## Exercise objective
Count every line of these entries that holds the word "units", and reply with the number only.

[Saved entries]
* * *

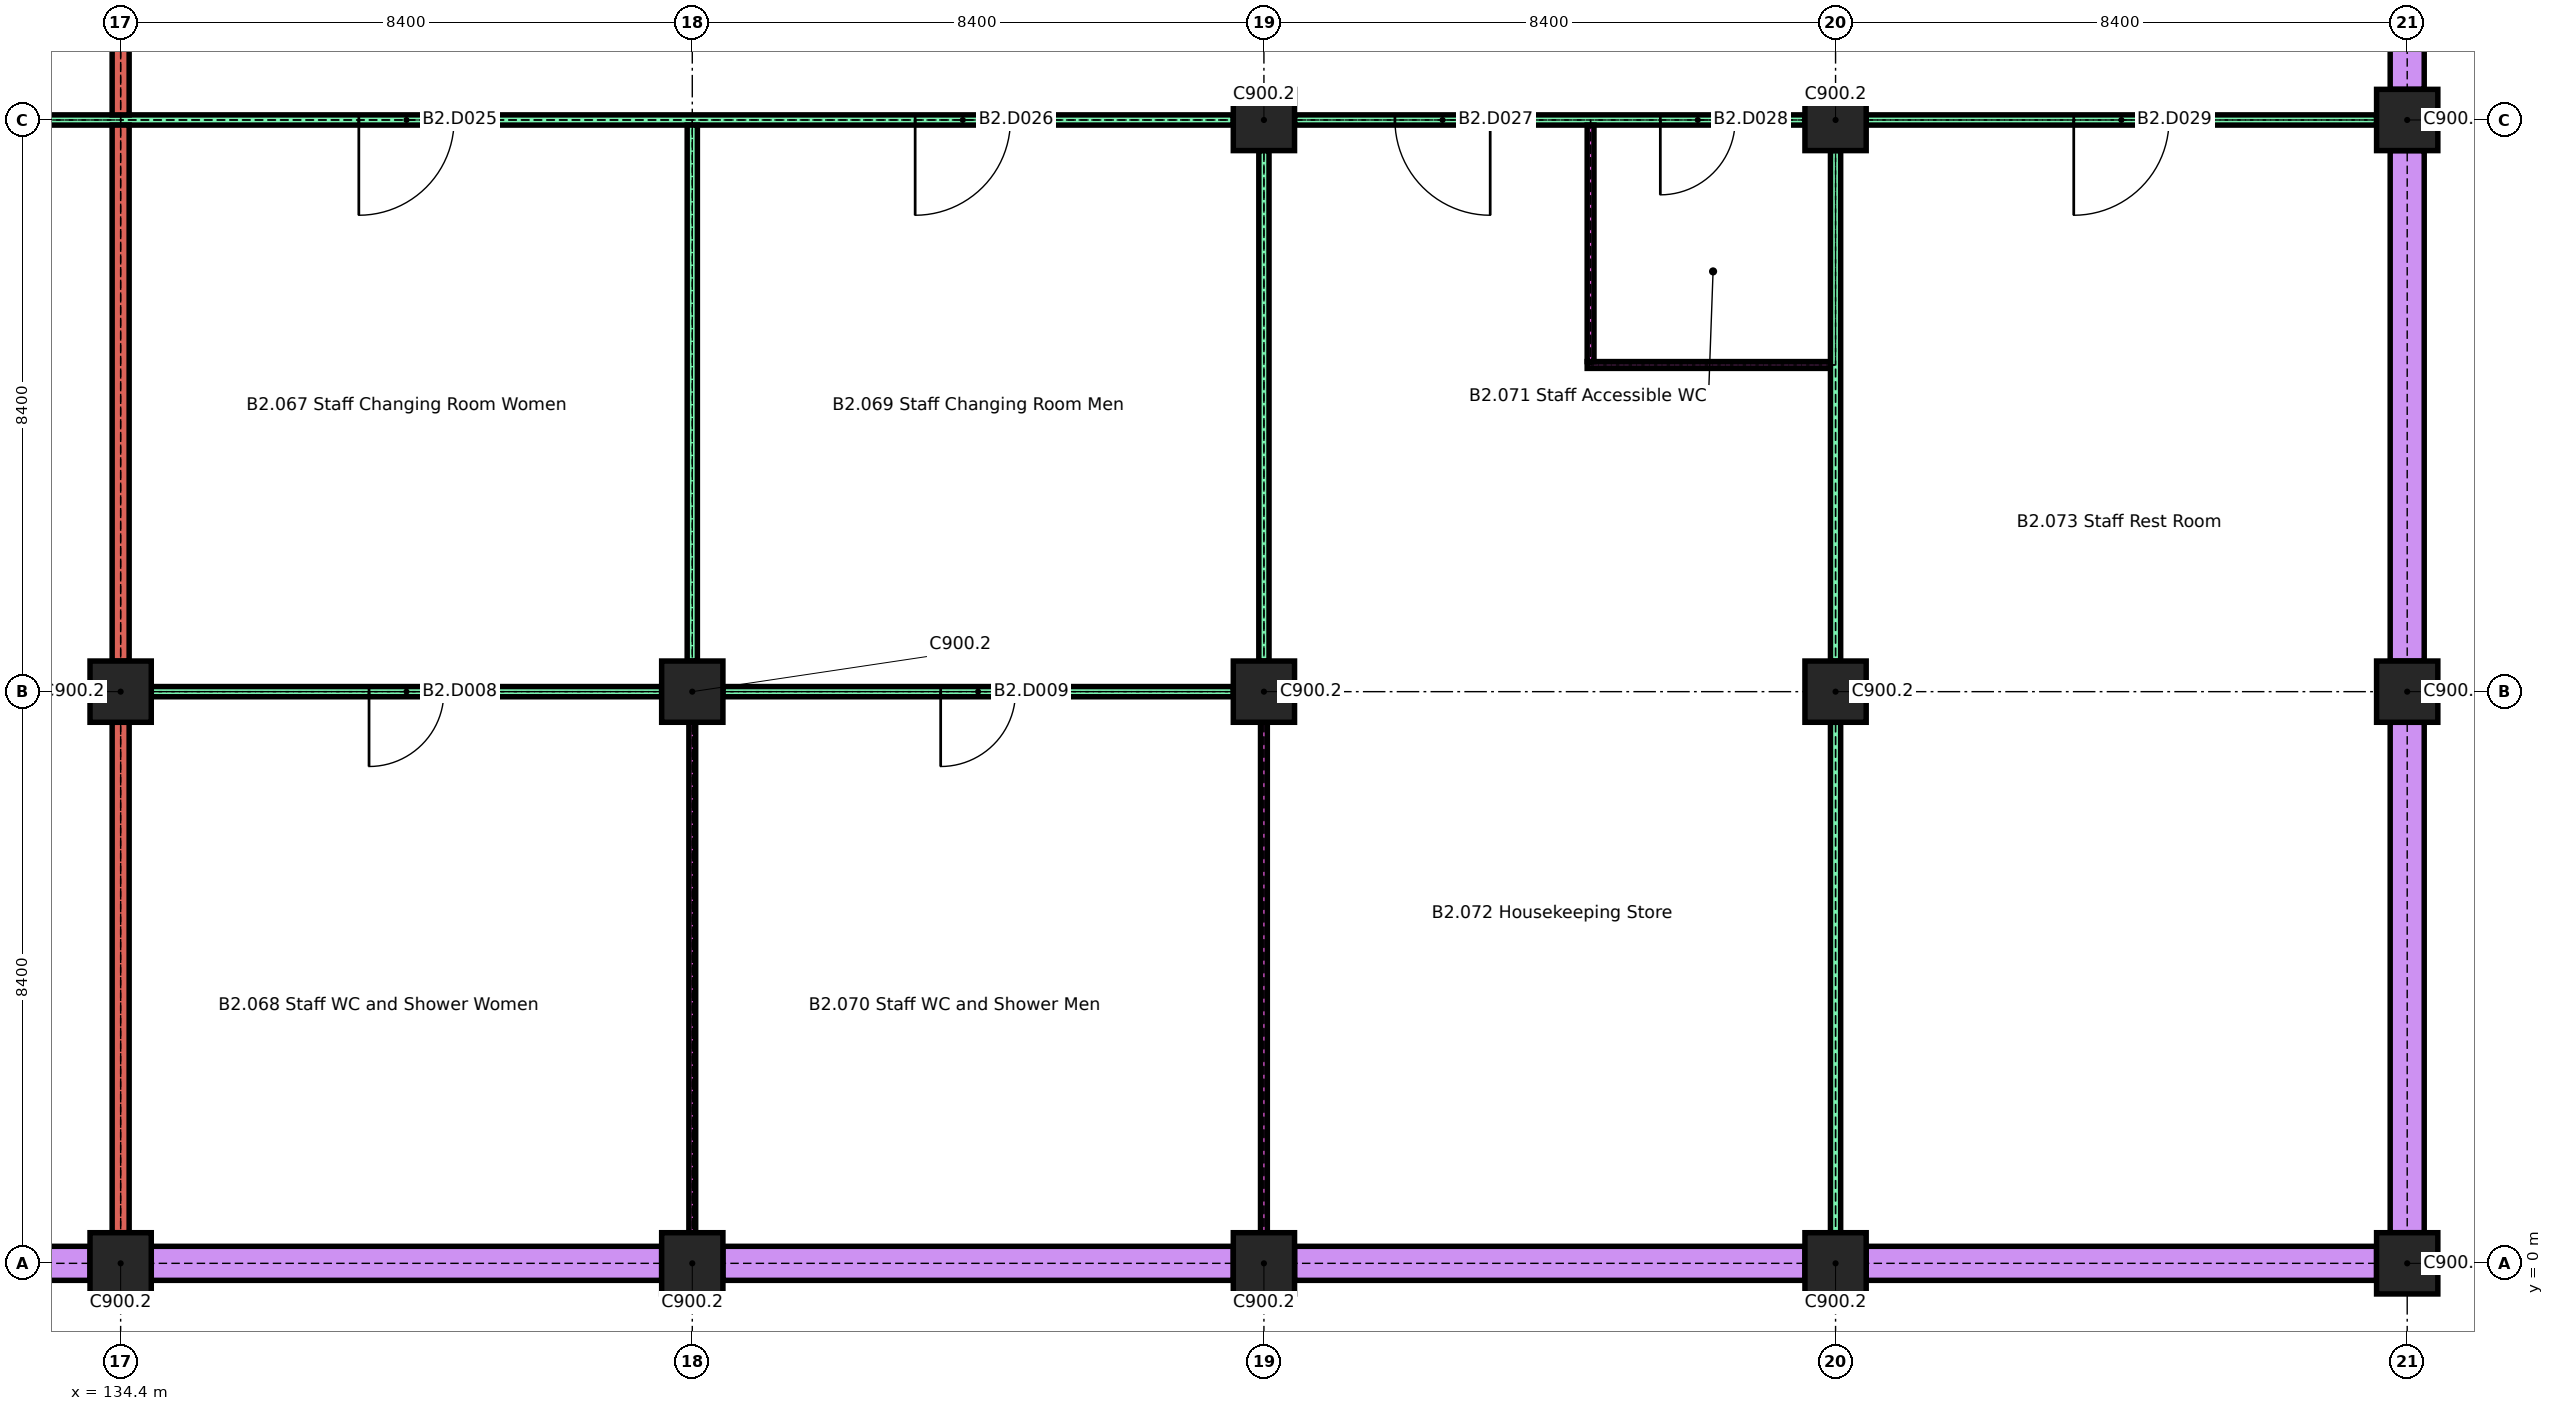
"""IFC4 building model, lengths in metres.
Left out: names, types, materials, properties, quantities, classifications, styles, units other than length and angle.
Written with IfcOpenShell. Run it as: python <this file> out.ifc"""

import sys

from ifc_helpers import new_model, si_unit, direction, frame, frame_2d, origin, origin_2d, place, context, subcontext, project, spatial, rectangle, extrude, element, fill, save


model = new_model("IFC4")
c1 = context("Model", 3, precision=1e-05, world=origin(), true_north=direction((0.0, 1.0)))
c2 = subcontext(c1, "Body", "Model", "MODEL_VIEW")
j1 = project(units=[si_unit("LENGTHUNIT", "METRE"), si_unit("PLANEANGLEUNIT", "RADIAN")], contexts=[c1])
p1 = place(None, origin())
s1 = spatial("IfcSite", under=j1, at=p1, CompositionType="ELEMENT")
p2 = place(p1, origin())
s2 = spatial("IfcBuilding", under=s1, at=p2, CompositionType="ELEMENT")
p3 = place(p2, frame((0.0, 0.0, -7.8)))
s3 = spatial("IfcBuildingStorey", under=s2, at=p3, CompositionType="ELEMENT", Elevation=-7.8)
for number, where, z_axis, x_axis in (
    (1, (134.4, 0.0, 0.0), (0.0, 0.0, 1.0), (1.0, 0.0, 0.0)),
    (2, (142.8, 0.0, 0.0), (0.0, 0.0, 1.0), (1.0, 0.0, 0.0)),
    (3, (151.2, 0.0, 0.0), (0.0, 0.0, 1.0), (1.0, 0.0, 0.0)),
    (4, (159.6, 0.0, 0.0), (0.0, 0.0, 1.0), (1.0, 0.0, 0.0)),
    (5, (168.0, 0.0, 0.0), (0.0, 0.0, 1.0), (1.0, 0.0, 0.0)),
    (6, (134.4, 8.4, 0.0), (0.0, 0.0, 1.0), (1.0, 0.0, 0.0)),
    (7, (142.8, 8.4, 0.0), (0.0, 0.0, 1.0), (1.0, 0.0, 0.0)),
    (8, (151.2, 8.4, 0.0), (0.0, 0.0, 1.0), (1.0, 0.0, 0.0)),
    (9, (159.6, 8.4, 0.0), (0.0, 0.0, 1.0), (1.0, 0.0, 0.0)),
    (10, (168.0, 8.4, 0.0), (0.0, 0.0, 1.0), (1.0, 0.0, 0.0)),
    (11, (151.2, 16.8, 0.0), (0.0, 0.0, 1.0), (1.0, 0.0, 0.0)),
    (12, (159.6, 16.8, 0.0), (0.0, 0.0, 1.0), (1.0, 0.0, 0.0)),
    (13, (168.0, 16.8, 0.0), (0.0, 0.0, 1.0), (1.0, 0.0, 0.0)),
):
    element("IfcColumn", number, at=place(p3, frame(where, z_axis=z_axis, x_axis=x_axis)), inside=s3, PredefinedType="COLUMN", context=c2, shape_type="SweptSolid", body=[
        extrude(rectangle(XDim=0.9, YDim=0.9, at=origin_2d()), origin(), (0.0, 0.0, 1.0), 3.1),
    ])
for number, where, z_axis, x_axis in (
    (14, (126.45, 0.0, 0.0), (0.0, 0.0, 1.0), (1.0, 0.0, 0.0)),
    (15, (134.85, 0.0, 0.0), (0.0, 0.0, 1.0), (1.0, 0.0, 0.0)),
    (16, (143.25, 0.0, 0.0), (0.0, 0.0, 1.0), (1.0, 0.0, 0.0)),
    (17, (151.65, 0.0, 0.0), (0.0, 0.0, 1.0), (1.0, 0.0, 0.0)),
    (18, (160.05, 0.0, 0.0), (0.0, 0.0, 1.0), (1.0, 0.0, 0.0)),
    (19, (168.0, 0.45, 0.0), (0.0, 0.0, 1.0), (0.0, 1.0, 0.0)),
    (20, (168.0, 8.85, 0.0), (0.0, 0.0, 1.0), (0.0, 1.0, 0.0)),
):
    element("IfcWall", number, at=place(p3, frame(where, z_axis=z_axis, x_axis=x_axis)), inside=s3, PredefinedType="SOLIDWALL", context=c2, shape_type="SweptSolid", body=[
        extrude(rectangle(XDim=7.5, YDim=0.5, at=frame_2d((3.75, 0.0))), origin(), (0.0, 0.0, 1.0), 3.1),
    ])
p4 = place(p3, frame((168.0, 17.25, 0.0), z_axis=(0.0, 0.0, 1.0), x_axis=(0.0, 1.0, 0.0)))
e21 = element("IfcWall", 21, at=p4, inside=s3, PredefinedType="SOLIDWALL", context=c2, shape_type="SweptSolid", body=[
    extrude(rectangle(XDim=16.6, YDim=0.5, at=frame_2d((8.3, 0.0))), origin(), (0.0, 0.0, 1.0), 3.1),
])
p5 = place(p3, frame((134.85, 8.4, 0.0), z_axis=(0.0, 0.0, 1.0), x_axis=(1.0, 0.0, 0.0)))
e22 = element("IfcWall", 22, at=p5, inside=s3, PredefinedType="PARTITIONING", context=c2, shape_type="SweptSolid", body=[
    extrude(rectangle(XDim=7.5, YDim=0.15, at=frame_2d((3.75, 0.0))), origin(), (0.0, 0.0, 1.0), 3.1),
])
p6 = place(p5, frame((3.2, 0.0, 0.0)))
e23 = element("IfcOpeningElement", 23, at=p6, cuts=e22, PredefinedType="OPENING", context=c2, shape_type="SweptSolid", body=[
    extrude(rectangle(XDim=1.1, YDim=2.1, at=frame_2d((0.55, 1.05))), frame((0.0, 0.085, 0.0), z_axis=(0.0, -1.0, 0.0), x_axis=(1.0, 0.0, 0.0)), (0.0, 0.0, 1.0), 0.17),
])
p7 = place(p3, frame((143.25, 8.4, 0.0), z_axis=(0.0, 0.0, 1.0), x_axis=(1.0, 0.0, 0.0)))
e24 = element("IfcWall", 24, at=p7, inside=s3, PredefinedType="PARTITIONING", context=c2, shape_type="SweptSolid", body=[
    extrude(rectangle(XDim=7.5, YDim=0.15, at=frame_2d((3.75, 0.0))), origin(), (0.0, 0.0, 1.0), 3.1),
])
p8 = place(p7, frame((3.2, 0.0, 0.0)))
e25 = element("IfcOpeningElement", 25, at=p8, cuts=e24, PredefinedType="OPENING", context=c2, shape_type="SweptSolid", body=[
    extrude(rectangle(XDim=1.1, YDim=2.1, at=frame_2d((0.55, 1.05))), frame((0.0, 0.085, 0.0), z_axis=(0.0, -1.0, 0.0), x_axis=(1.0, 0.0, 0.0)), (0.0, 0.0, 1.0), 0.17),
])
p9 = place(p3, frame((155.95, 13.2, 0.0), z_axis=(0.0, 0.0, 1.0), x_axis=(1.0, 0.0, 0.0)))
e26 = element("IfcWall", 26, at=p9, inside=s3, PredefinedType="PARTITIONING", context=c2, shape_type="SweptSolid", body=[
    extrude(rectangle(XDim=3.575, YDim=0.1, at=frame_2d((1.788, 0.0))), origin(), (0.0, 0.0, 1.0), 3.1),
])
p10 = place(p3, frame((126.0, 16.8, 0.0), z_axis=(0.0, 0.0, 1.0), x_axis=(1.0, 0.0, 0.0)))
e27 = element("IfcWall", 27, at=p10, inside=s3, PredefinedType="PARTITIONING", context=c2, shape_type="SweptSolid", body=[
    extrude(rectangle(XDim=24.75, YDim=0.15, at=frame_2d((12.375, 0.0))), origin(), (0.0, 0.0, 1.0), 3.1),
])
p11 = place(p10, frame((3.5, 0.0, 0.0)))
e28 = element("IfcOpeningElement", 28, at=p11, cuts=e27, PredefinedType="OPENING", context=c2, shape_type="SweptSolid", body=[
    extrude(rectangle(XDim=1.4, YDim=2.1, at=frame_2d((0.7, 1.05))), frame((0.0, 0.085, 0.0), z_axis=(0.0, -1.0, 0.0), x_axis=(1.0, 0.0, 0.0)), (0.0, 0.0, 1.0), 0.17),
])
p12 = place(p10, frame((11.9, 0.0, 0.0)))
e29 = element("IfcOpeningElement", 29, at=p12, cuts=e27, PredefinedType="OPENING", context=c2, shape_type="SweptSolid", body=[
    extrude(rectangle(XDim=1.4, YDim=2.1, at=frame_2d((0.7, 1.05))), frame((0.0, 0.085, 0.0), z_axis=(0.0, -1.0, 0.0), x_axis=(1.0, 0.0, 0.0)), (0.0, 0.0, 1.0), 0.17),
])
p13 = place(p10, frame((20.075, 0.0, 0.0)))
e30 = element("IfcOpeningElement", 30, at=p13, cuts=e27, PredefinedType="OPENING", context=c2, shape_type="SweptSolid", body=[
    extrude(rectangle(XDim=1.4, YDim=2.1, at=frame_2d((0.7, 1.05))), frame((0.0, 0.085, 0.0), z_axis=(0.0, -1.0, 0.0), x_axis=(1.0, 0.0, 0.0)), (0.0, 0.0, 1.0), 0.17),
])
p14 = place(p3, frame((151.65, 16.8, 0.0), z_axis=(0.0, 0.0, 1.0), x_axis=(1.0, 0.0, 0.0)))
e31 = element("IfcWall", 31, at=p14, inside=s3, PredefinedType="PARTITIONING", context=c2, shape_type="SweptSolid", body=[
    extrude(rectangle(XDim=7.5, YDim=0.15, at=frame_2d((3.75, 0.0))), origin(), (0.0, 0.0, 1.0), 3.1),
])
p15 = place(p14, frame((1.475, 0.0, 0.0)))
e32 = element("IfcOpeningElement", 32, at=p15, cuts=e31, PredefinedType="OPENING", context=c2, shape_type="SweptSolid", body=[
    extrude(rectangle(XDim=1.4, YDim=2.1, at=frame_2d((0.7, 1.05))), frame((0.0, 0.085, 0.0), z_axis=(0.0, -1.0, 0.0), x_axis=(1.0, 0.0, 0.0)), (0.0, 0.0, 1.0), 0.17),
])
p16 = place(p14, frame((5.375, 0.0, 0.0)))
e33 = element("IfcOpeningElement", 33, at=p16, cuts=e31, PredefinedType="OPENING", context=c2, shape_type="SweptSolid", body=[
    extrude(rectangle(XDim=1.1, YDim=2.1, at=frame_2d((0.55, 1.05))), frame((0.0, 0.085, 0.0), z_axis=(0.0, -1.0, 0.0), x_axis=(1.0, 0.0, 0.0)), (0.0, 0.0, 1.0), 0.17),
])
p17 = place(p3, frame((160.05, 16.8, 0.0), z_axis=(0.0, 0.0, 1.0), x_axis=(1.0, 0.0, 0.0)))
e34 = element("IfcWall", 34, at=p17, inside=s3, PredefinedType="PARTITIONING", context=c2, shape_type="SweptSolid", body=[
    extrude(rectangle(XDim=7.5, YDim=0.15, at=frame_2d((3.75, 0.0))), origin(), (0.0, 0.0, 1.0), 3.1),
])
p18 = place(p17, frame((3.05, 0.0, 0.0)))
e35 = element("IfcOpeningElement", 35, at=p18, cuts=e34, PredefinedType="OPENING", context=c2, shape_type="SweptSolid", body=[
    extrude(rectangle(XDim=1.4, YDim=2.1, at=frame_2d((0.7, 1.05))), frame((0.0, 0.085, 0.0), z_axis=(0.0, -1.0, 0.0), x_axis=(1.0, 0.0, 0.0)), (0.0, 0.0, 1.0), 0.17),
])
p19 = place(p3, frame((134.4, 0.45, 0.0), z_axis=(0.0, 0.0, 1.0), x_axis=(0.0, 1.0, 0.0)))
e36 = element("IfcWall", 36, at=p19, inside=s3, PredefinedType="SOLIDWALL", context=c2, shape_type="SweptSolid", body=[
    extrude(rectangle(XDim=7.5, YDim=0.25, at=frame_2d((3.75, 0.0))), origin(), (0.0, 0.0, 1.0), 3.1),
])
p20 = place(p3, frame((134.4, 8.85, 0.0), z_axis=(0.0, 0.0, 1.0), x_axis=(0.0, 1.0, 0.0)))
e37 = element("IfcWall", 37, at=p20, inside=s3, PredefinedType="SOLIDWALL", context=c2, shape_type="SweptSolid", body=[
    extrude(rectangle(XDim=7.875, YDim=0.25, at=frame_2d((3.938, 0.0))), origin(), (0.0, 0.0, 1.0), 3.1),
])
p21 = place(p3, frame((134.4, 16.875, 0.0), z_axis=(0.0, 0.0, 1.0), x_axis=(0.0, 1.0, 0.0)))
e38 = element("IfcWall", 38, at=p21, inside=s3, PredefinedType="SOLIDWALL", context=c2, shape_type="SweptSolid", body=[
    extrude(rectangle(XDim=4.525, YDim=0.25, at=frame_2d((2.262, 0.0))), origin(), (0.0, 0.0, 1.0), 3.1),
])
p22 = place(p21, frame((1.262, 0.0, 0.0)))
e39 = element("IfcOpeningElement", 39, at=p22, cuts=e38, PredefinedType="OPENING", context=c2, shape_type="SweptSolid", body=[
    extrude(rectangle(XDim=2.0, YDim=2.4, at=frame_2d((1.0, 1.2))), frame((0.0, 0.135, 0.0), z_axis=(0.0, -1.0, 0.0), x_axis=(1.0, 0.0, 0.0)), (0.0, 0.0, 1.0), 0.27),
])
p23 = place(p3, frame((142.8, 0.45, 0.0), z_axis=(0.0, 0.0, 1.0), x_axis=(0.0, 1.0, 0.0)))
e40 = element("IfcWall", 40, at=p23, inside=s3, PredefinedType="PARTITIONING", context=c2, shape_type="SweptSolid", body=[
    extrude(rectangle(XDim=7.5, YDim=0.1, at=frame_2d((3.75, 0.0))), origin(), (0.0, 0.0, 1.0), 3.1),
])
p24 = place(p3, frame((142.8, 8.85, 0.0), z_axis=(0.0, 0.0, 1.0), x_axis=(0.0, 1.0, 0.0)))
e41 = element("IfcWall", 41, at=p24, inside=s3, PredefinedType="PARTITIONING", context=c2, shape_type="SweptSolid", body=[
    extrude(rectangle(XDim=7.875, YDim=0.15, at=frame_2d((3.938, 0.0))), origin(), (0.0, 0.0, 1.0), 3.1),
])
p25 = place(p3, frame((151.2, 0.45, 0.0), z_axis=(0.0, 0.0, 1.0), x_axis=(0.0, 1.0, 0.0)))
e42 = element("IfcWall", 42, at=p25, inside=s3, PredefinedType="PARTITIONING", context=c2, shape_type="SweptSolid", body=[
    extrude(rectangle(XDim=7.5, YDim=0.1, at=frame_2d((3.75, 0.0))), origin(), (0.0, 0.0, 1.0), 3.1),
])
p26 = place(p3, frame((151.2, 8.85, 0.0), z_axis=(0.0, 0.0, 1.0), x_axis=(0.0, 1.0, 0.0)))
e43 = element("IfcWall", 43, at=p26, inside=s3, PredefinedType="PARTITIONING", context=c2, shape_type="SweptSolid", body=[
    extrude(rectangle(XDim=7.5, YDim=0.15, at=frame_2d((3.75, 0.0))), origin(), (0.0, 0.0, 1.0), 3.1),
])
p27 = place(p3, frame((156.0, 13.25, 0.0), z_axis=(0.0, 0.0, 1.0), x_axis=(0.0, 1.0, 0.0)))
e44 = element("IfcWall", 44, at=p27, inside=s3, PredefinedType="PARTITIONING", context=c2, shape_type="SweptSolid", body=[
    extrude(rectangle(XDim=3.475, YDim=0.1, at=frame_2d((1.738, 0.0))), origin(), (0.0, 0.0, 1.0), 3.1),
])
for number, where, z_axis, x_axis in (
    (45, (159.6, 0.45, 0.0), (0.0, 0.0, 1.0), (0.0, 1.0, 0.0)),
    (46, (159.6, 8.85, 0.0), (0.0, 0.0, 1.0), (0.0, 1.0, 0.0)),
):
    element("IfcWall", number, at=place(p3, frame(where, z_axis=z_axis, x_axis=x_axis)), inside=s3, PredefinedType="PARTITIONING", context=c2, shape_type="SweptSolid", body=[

* * *

## Expected answer
2